Records drawn from a dataset
_ _ _
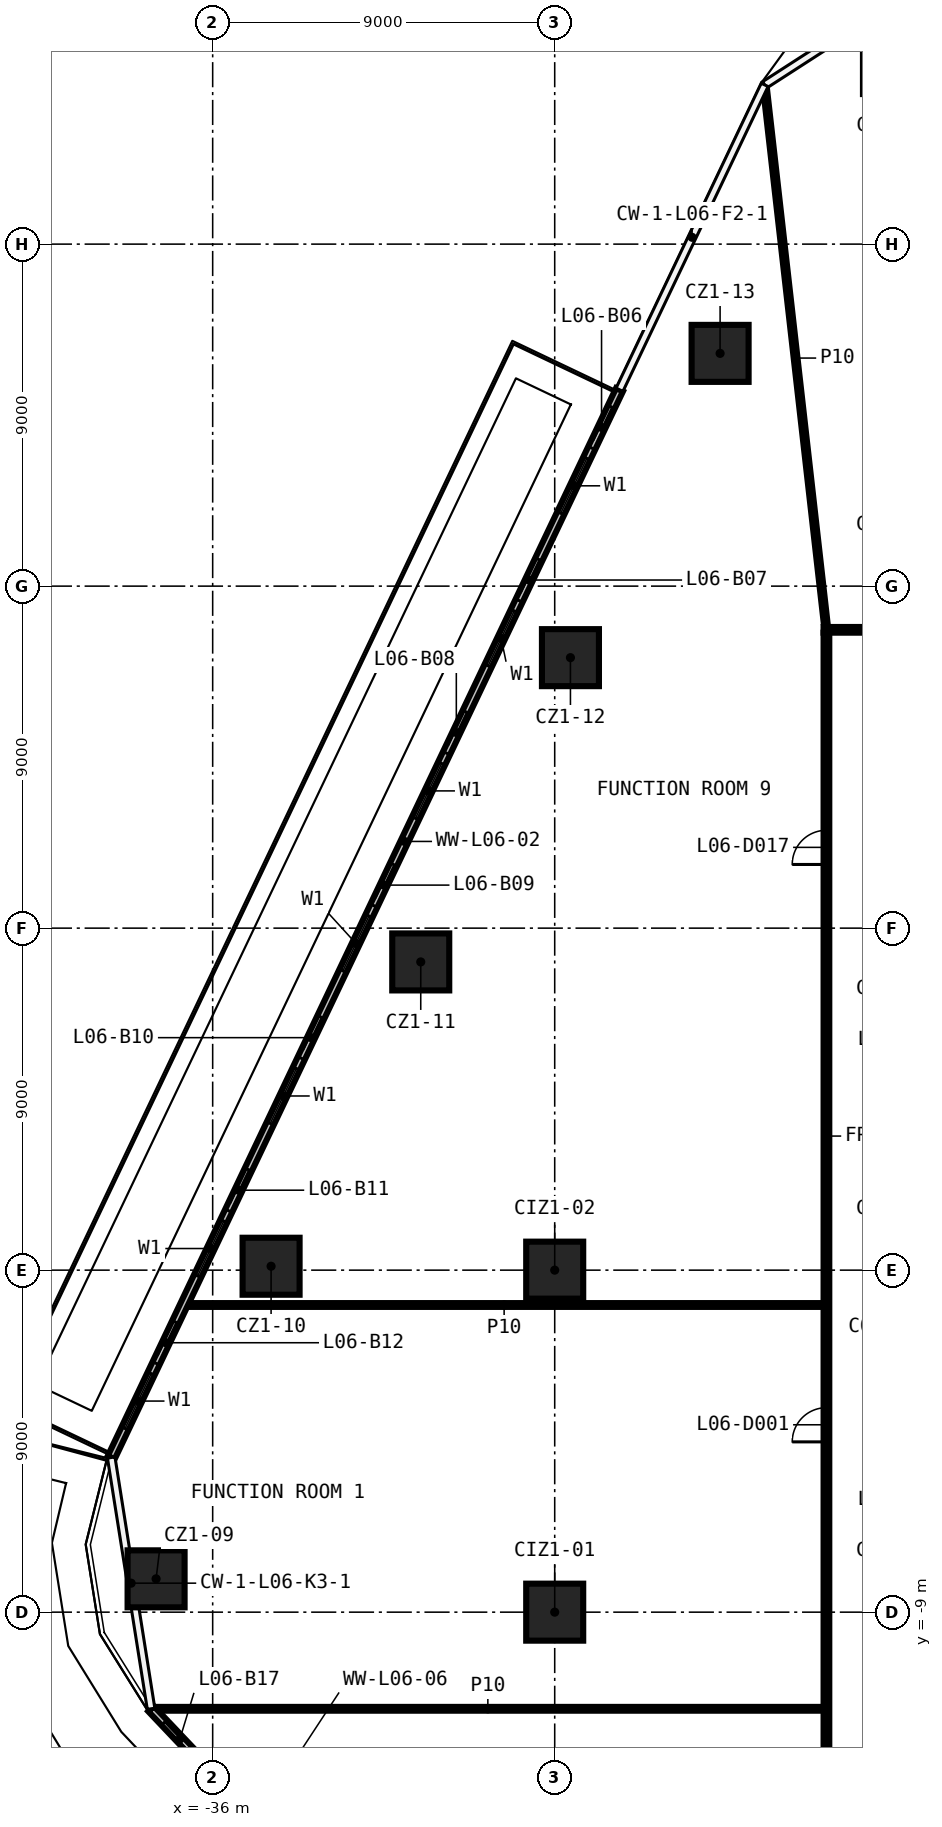
"""IFC4 building model, lengths in metres.
Left out: names, types, materials, properties, quantities, classifications, styles, units other than length and angle.
Written with IfcOpenShell. Run it as: python <this file> out.ifc"""

import sys

from ifc_helpers import new_model, si_unit, direction, frame, frame_2d, origin, origin_2d, place, context, subcontext, project, spatial, rectangle, extrude, element, fill, save


model = new_model("IFC4")
c1 = context("Model", 3, precision=1e-05, world=origin(), true_north=direction((0.0, 1.0)))
c2 = subcontext(c1, "Body", "Model", "MODEL_VIEW")
j1 = project(units=[si_unit("LENGTHUNIT", "METRE"), si_unit("PLANEANGLEUNIT", "RADIAN")], contexts=[c1])
p1 = place(None, origin())
s1 = spatial("IfcSite", under=j1, at=p1, CompositionType="ELEMENT")
p2 = place(p1, origin())
s2 = spatial("IfcBuilding", under=s1, at=p2, CompositionType="ELEMENT")
p3 = place(p2, frame((0.0, 0.0, 44.0)))
s3 = spatial("IfcBuildingStorey", under=s2, at=p3, CompositionType="ELEMENT", Elevation=44.0)
for number, where, z_axis, x_axis in (
    (1, (-37.489, -8.123, 0.0), (0.0, 0.0, 1.0), (1.0, 0.0, 0.0)),
    (2, (-34.463, 0.103, 0.0), (0.0, 0.0, 1.0), (1.0, 0.0, 0.0)),
    (3, (-30.525, 8.111, 0.0), (0.0, 0.0, 1.0), (1.0, 0.0, 0.0)),
    (4, (-26.586, 16.118, 0.0), (0.0, 0.0, 1.0), (1.0, 0.0, 0.0)),
    (5, (-22.648, 24.125, 0.0), (0.0, 0.0, 1.0), (1.0, 0.0, 0.0)),
    (6, (-27.0, -9.0, 0.0), (0.0, 0.0, 1.0), (1.0, 0.0, 0.0)),
    (7, (-27.0, 0.0, 0.0), (0.0, 0.0, 1.0), (1.0, 0.0, 0.0)),
):
    element("IfcColumn", number, at=place(p3, frame(where, z_axis=z_axis, x_axis=x_axis)), inside=s3, PredefinedType="COLUMN", context=c2, shape_type="SweptSolid", body=[
        extrude(rectangle(XDim=1.5, YDim=1.5, at=origin_2d()), origin(), (0.0, 0.0, 1.0), 3.3),
    ])
p4 = place(p3, frame((-37.594, -11.543, 0.0), z_axis=(0.0, 0.0, 1.0), x_axis=(1.0, 0.0, 0.0)))
e8 = element("IfcWall", 8, at=p4, inside=s3, PredefinedType="PARTITIONING", context=c2, shape_type="SweptSolid", body=[
    extrude(rectangle(XDim=17.668, YDim=0.1, at=frame_2d((8.834, 0.0))), origin(), (0.0, 0.0, 1.0), 3.3),
])
p5 = place(p3, frame((-36.737, -0.917, 0.0), z_axis=(0.0, 0.0, 1.0), x_axis=(1.0, 0.0, 0.0)))
e9 = element("IfcWall", 9, at=p5, inside=s3, PredefinedType="PARTITIONING", context=c2, shape_type="SweptSolid", body=[
    extrude(rectangle(XDim=16.812, YDim=0.1, at=frame_2d((8.406, 0.0))), origin(), (0.0, 0.0, 1.0), 3.3),
])
p6 = place(p3, frame((-19.925, 16.85, 0.0), z_axis=(0.0, 0.0, 1.0), x_axis=(1.0, 0.0, 0.0)))
e10 = element("IfcWall", 10, at=p6, inside=s3, PredefinedType="PARTITIONING", context=c2, shape_type="SweptSolid", body=[
    extrude(rectangle(XDim=39.85, YDim=0.15, at=frame_2d((19.925, 0.0))), origin(), (0.0, 0.0, 1.0), 3.3),
])
p7 = place(p6, frame((31.643, 0.0, 0.0)))
e11 = element("IfcOpeningElement", 11, at=p7, cuts=e10, PredefinedType="OPENING", context=c2, shape_type="SweptSolid", body=[
    extrude(rectangle(XDim=0.9, YDim=2.1, at=frame_2d((0.45, 1.05))), frame((0.0, 0.085, 0.0), z_axis=(0.0, -1.0, 0.0), x_axis=(1.0, 0.0, 0.0)), (0.0, 0.0, 1.0), 0.17),
])
p8 = place(p6, frame((22.056, 0.0, 0.0)))
e12 = element("IfcOpeningElement", 12, at=p8, cuts=e10, PredefinedType="OPENING", context=c2, shape_type="SweptSolid", body=[
    extrude(rectangle(XDim=0.9, YDim=2.1, at=frame_2d((0.45, 1.05))), frame((0.0, 0.085, 0.0), z_axis=(0.0, -1.0, 0.0), x_axis=(1.0, 0.0, 0.0)), (0.0, 0.0, 1.0), 0.17),
])
p9 = place(p6, frame((14.831, 0.0, 0.0)))
e13 = element("IfcOpeningElement", 13, at=p9, cuts=e10, PredefinedType="OPENING", context=c2, shape_type="SweptSolid", body=[
    extrude(rectangle(XDim=1.0, YDim=2.1, at=frame_2d((0.5, 1.05))), frame((0.0, 0.085, 0.0), z_axis=(0.0, -1.0, 0.0), x_axis=(1.0, 0.0, 0.0)), (0.0, 0.0, 1.0), 0.17),
])
p10 = place(p3, frame((-19.85, -16.775, 0.0), z_axis=(0.0, 0.0, 1.0), x_axis=(0.0, 1.0, 0.0)))
e14 = element("IfcWall", 14, at=p10, inside=s3, PredefinedType="PARTITIONING", context=c2, shape_type="SweptSolid", body=[
    extrude(rectangle(XDim=33.55, YDim=0.15, at=frame_2d((16.775, 0.0))), origin(), (0.0, 0.0, 1.0), 3.3),
])
p11 = place(p10, frame((12.256, 0.0, 0.0)))
e15 = element("IfcOpeningElement", 15, at=p11, cuts=e14, PredefinedType="OPENING", context=c2, shape_type="SweptSolid", body=[
    extrude(rectangle(XDim=0.9, YDim=2.1, at=frame_2d((0.45, 1.05))), frame((0.0, 0.085, 0.0), z_axis=(0.0, -1.0, 0.0), x_axis=(1.0, 0.0, 0.0)), (0.0, 0.0, 1.0), 0.17),
])
p12 = place(p10, frame((3.254, 0.0, 0.0)))
e16 = element("IfcOpeningElement", 16, at=p12, cuts=e14, PredefinedType="OPENING", context=c2, shape_type="SweptSolid", body=[
    extrude(rectangle(XDim=0.9, YDim=2.1, at=frame_2d((0.45, 1.05))), frame((0.0, 0.085, 0.0), z_axis=(0.0, -1.0, 0.0), x_axis=(1.0, 0.0, 0.0)), (0.0, 0.0, 1.0), 0.17),
])
p13 = place(p10, frame((27.451, 0.0, 0.0)))
e17 = element("IfcOpeningElement", 17, at=p13, cuts=e14, PredefinedType="OPENING", context=c2, shape_type="SweptSolid", body=[
    extrude(rectangle(XDim=0.9, YDim=2.1, at=frame_2d((0.45, 1.05))), frame((0.0, 0.085, 0.0), z_axis=(0.0, -1.0, 0.0), x_axis=(1.0, 0.0, 0.0)), (0.0, 0.0, 1.0), 0.17),
])
p14 = place(p3, frame((-21.472, 31.153, 0.0), z_axis=(0.0, 0.0, 1.0), x_axis=(0.112685540228, -0.993630700524, 0.0)))
e18 = element("IfcWall", 18, at=p14, inside=s3, PredefinedType="PARTITIONING", context=c2, shape_type="SweptSolid", body=[
    extrude(rectangle(XDim=14.395, YDim=0.1, at=frame_2d((7.197, 0.0))), origin(), (0.0, 0.0, 1.0), 3.3),
])
p15 = place(p3, frame((-25.295, 23.168, 0.0), z_axis=(0.0, 0.0, 1.0), x_axis=(-0.429791665344, -0.902928083737, 0.0)))
e19 = element("IfcWall", 19, at=p15, inside=s3, PredefinedType="SOLIDWALL", context=c2, shape_type="SweptSolid", body=[
    extrude(rectangle(XDim=31.12, YDim=0.2, at=frame_2d((15.56, 0.0))), origin(), (0.0, 0.0, 1.0), 3.3),
])
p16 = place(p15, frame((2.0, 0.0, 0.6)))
_ _ _
== DIRECTIONS FOR THIS TASK ==
Write down exactly the span of lines above from the one containing "-0.917, 0.0), z_axis=(0.0, 0.0, 1.0), x_axis=(1.0, 0.0, 0.0)))" to the one containing "p7 = place(p6, frame((31.643, 0.0, 0.0)))", both ends included.

== PROBLEM SOLUTION ==
p5 = place(p3, frame((-36.737, -0.917, 0.0), z_axis=(0.0, 0.0, 1.0), x_axis=(1.0, 0.0, 0.0)))
e9 = element("IfcWall", 9, at=p5, inside=s3, PredefinedType="PARTITIONING", context=c2, shape_type="SweptSolid", body=[
    extrude(rectangle(XDim=16.812, YDim=0.1, at=frame_2d((8.406, 0.0))), origin(), (0.0, 0.0, 1.0), 3.3),
])
p6 = place(p3, frame((-19.925, 16.85, 0.0), z_axis=(0.0, 0.0, 1.0), x_axis=(1.0, 0.0, 0.0)))
e10 = element("IfcWall", 10, at=p6, inside=s3, PredefinedType="PARTITIONING", context=c2, shape_type="SweptSolid", body=[
    extrude(rectangle(XDim=39.85, YDim=0.15, at=frame_2d((19.925, 0.0))), origin(), (0.0, 0.0, 1.0), 3.3),
])
p7 = place(p6, frame((31.643, 0.0, 0.0)))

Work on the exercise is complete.